*** TASK MATERIAL Section Begins ***

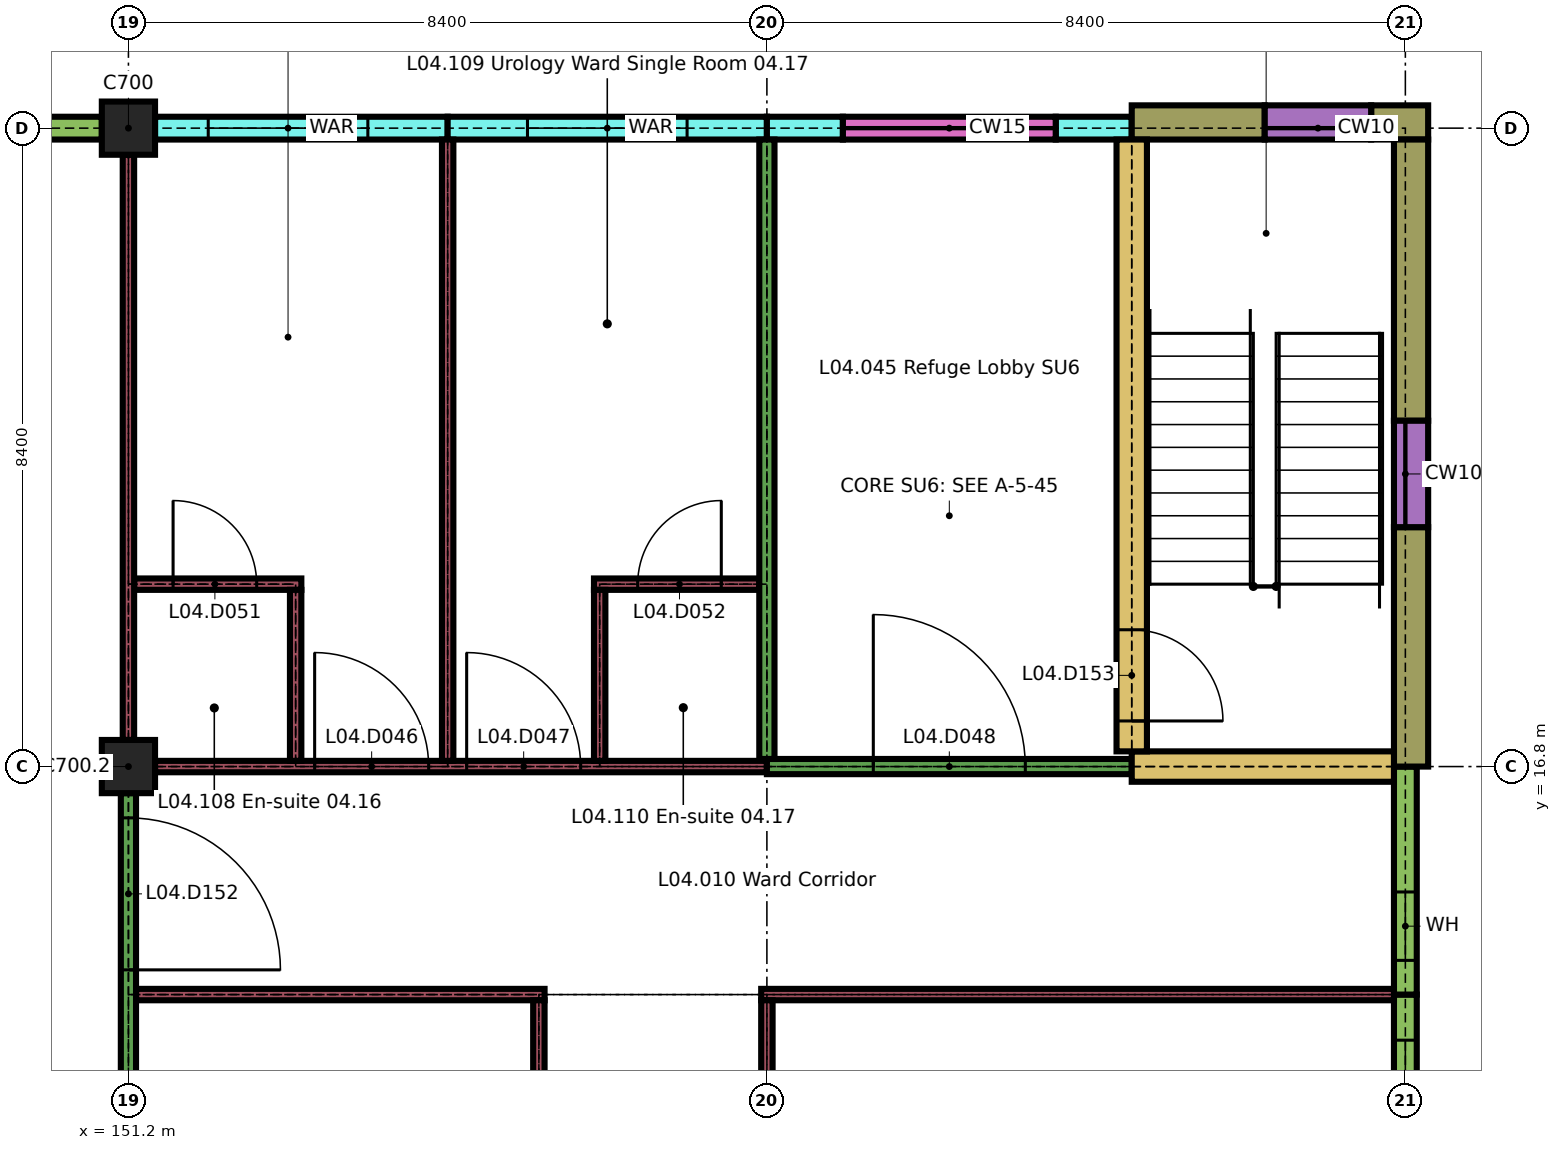
"""IFC4 building model, lengths in metres.
Left out: names, types, materials, properties, quantities, classifications, styles, units other than length and angle.
Written with IfcOpenShell. Run it as: python <this file> out.ifc"""

import sys

from ifc_helpers import new_model, si_unit, direction, frame, frame_2d, origin, origin_2d, place, context, subcontext, project, spatial, rectangle, extrude, element, fill, save


model = new_model("IFC4")
c1 = context("Model", 3, precision=1e-05, world=origin(), true_north=direction((0.0, 1.0)))
c2 = subcontext(c1, "Body", "Model", "MODEL_VIEW")
j1 = project(units=[si_unit("LENGTHUNIT", "METRE"), si_unit("PLANEANGLEUNIT", "RADIAN")], contexts=[c1])
p1 = place(None, origin())
s1 = spatial("IfcSite", under=j1, at=p1, CompositionType="ELEMENT")
p2 = place(p1, origin())
s2 = spatial("IfcBuilding", under=s1, at=p2, CompositionType="ELEMENT")
p3 = place(p2, frame((0.0, 0.0, 18.9)))
s3 = spatial("IfcBuildingStorey", under=s2, at=p3, CompositionType="ELEMENT", Elevation=18.9)
for number, where, z_axis, x_axis in (
    (1, (151.2, 16.8, 0.0), (0.0, 0.0, 1.0), (1.0, 0.0, 0.0)),
    (2, (151.2, 25.2, 0.0), (0.0, 0.0, 1.0), (1.0, 0.0, 0.0)),
):
    element("IfcColumn", number, at=place(p3, frame(where, z_axis=z_axis, x_axis=x_axis)), inside=s3, PredefinedType="COLUMN", context=c2, shape_type="SweptSolid", body=[
        extrude(rectangle(XDim=0.7, YDim=0.7, at=origin_2d()), origin(), (0.0, 0.0, 1.0), 3.26),
    ])
p4 = place(p3, frame((149.7, 25.2, 0.0), z_axis=(0.0, 0.0, 1.0), x_axis=(1.0, 0.0, 0.0)))
e3 = element("IfcWall", 3, at=p4, inside=s3, PredefinedType="SOLIDWALL", context=c2, shape_type="SweptSolid", body=[
    extrude(rectangle(XDim=1.15, YDim=0.3, at=frame_2d((0.575, 0.0))), origin(), (0.0, 0.0, 1.0), 2.96),
])
p5 = place(p3, frame((151.55, 25.2, 0.0), z_axis=(0.0, 0.0, 1.0), x_axis=(1.0, 0.0, 0.0)))
e4 = element("IfcWall", 4, at=p5, inside=s3, PredefinedType="SOLIDWALL", context=c2, shape_type="SweptSolid", body=[
    extrude(rectangle(XDim=3.85, YDim=0.3, at=frame_2d((1.925, 0.0))), origin(), (0.0, 0.0, 1.0), 3.26),
])
p6 = place(p5, frame((0.7, 0.0, 0.9)))
e5 = element("IfcOpeningElement", 5, at=p6, cuts=e4, PredefinedType="OPENING", context=c2, shape_type="SweptSolid", body=[
    extrude(rectangle(XDim=2.1, YDim=1.5, at=frame_2d((1.05, 0.75))), frame((0.0, 0.16, 0.0), z_axis=(0.0, -1.0, 0.0), x_axis=(1.0, 0.0, 0.0)), (0.0, 0.0, 1.0), 0.32),
])
p7 = place(p3, frame((155.4, 25.2, 0.0), z_axis=(0.0, 0.0, 1.0), x_axis=(1.0, 0.0, 0.0)))
e6 = element("IfcWall", 6, at=p7, inside=s3, PredefinedType="SOLIDWALL", context=c2, shape_type="SweptSolid", body=[
    extrude(rectangle(XDim=4.2, YDim=0.3, at=frame_2d((2.1, 0.0))), origin(), (0.0, 0.0, 1.0), 3.26),
])
p8 = place(p7, frame((1.05, 0.0, 0.9)))
e7 = element("IfcOpeningElement", 7, at=p8, cuts=e6, PredefinedType="OPENING", context=c2, shape_type="SweptSolid", body=[
    extrude(rectangle(XDim=2.1, YDim=1.5, at=frame_2d((1.05, 0.75))), frame((0.0, 0.16, 0.0), z_axis=(0.0, -1.0, 0.0), x_axis=(1.0, 0.0, 0.0)), (0.0, 0.0, 1.0), 0.32),
])
for number, where, z_axis, x_axis in (
    (8, (159.6, 25.2, 0.0), (0.0, 0.0, 1.0), (1.0, 0.0, 0.0)),
    (9, (163.4, 25.2, 0.0), (0.0, 0.0, 1.0), (1.0, 0.0, 0.0)),
):
    element("IfcWall", number, at=place(p3, frame(where, z_axis=z_axis, x_axis=x_axis)), inside=s3, PredefinedType="SOLIDWALL", context=c2, shape_type="SweptSolid", body=[
        extrude(rectangle(XDim=1.0, YDim=0.3, at=frame_2d((0.5, 0.0))), origin(), (0.0, 0.0, 1.0), 3.26),
    ])
p9 = place(p3, frame((160.6, 25.2, 0.0), z_axis=(0.0, 0.0, 1.0), x_axis=(1.0, 0.0, 0.0)))
e10 = element("IfcWall", 10, at=p9, inside=s3, PredefinedType="SOLIDWALL", context=c2, shape_type="SweptSolid", body=[
    extrude(rectangle(XDim=2.8, YDim=0.3, at=frame_2d((1.4, 0.0))), origin(), (0.0, 0.0, 1.0), 0.6),
])
p10 = place(p3, frame((164.4, 25.275, 0.0), z_axis=(0.0, 0.0, 1.0), x_axis=(1.0, 0.0, 0.0)))
e11 = element("IfcWall", 11, at=p10, inside=s3, PredefinedType="SOLIDWALL", context=c2, shape_type="SweptSolid", body=[
    extrude(rectangle(XDim=1.75, YDim=0.45, at=frame_2d((0.875, 0.0))), origin(), (0.0, 0.0, 1.0), 3.26),
])
p11 = place(p3, frame((167.55, 25.275, 0.0), z_axis=(0.0, 0.0, 1.0), x_axis=(1.0, 0.0, 0.0)))
e12 = element("IfcWall", 12, at=p11, inside=s3, PredefinedType="SOLIDWALL", context=c2, shape_type="SweptSolid", body=[
    extrude(rectangle(XDim=0.75, YDim=0.45, at=frame_2d((0.375, 0.0))), origin(), (0.0, 0.0, 1.0), 3.26),
])
p12 = place(p3, frame((166.15, 25.275, 0.0), z_axis=(0.0, 0.0, 1.0), x_axis=(1.0, 0.0, 0.0)))
e13 = element("IfcWall", 13, at=p12, inside=s3, PredefinedType="SOLIDWALL", context=c2, shape_type="SweptSolid", body=[
    extrude(rectangle(XDim=1.4, YDim=0.45, at=frame_2d((0.7, 0.0))), origin(), (0.0, 0.0, 1.0), 0.6),
])
p13 = place(p3, frame((168.0, 11.4, 0.0), z_axis=(0.0, 0.0, 1.0), x_axis=(0.0, 1.0, 0.0)))
e14 = element("IfcWall", 14, at=p13, inside=s3, PredefinedType="SOLIDWALL", context=c2, shape_type="SweptSolid", body=[
    extrude(rectangle(XDim=2.4, YDim=0.3, at=frame_2d((1.2, 0.0))), origin(), (0.0, 0.0, 1.0), 2.96),
])
p14 = place(p13, frame((0.6, 0.0, 0.9)))
e15 = element("IfcOpeningElement", 15, at=p14, cuts=e14, PredefinedType="OPENING", context=c2, shape_type="SweptSolid", body=[
    extrude(rectangle(XDim=1.2, YDim=1.5, at=frame_2d((0.6, 0.75))), frame((0.0, 0.16, 0.0), z_axis=(0.0, -1.0, 0.0), x_axis=(1.0, 0.0, 0.0)), (0.0, 0.0, 1.0), 0.32),
])
p15 = place(p3, frame((168.0, 13.8, 0.0), z_axis=(0.0, 0.0, 1.0), x_axis=(0.0, 1.0, 0.0)))
e16 = element("IfcWall", 16, at=p15, inside=s3, PredefinedType="SOLIDWALL", context=c2, shape_type="SweptSolid", body=[
    extrude(rectangle(XDim=3.0, YDim=0.3, at=frame_2d((1.5, 0.0))), origin(), (0.0, 0.0, 1.0), 2.96),
])
p16 = place(p15, frame((0.45, 0.0, 0.9)))
e17 = element("IfcOpeningElement", 17, at=p16, cuts=e16, PredefinedType="OPENING", context=c2, shape_type="SweptSolid", body=[
    extrude(rectangle(XDim=0.9, YDim=1.5, at=frame_2d((0.45, 0.75))), frame((0.0, 0.16, 0.0), z_axis=(0.0, -1.0, 0.0), x_axis=(1.0, 0.0, 0.0)), (0.0, 0.0, 1.0), 0.32),
])
p17 = place(p3, frame((168.075, 16.8, 0.0), z_axis=(0.0, 0.0, 1.0), x_axis=(0.0, 1.0, 0.0)))
e18 = element("IfcWall", 18, at=p17, inside=s3, PredefinedType="SOLIDWALL", context=c2, shape_type="SweptSolid", body=[
    extrude(rectangle(XDim=3.15, YDim=0.45, at=frame_2d((1.575, 0.0))), origin(), (0.0, 0.0, 1.0), 3.26),
])
p18 = place(p3, frame((168.075, 21.35, 0.0), z_axis=(0.0, 0.0, 1.0), x_axis=(0.0, 1.0, 0.0)))
e19 = element("IfcWall", 19, at=p18, inside=s3, PredefinedType="SOLIDWALL", context=c2, shape_type="SweptSolid", body=[
    extrude(rectangle(XDim=3.7, YDim=0.45, at=frame_2d((1.85, 0.0))), origin(), (0.0, 0.0, 1.0), 3.26),
])
p19 = place(p3, frame((168.075, 19.95, 0.0), z_axis=(0.0, 0.0, 1.0), x_axis=(0.0, 1.0, 0.0)))
e20 = element("IfcWall", 20, at=p19, inside=s3, PredefinedType="SOLIDWALL", context=c2, shape_type="SweptSolid", body=[
    extrude(rectangle(XDim=1.4, YDim=0.45, at=frame_2d((0.7, 0.0))), origin(), (0.0, 0.0, 1.0), 0.6),
])
p20 = place(p3, frame((151.3, 13.8, 0.0), z_axis=(0.0, 0.0, 1.0), x_axis=(1.0, 0.0, 0.0)))
e21 = element("IfcWall", 21, at=p20, inside=s3, PredefinedType="PARTITIONING", context=c2, shape_type="SweptSolid", body=[
    extrude(rectangle(XDim=5.375, YDim=0.15, at=frame_2d((2.688, 0.0))), origin(), (0.0, 0.0, 1.0), 3.26),
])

*** TASK MATERIAL Section Ends ***

EXERCISE:
Go through the entries above and report every line in which the word "under" appears.

ANSWER TO THIS PROBLEM:
s1 = spatial("IfcSite", under=j1, at=p1, CompositionType="ELEMENT")
s2 = spatial("IfcBuilding", under=s1, at=p2, CompositionType="ELEMENT")
s3 = spatial("IfcBuildingStorey", under=s2, at=p3, CompositionType="ELEMENT", Elevation=18.9)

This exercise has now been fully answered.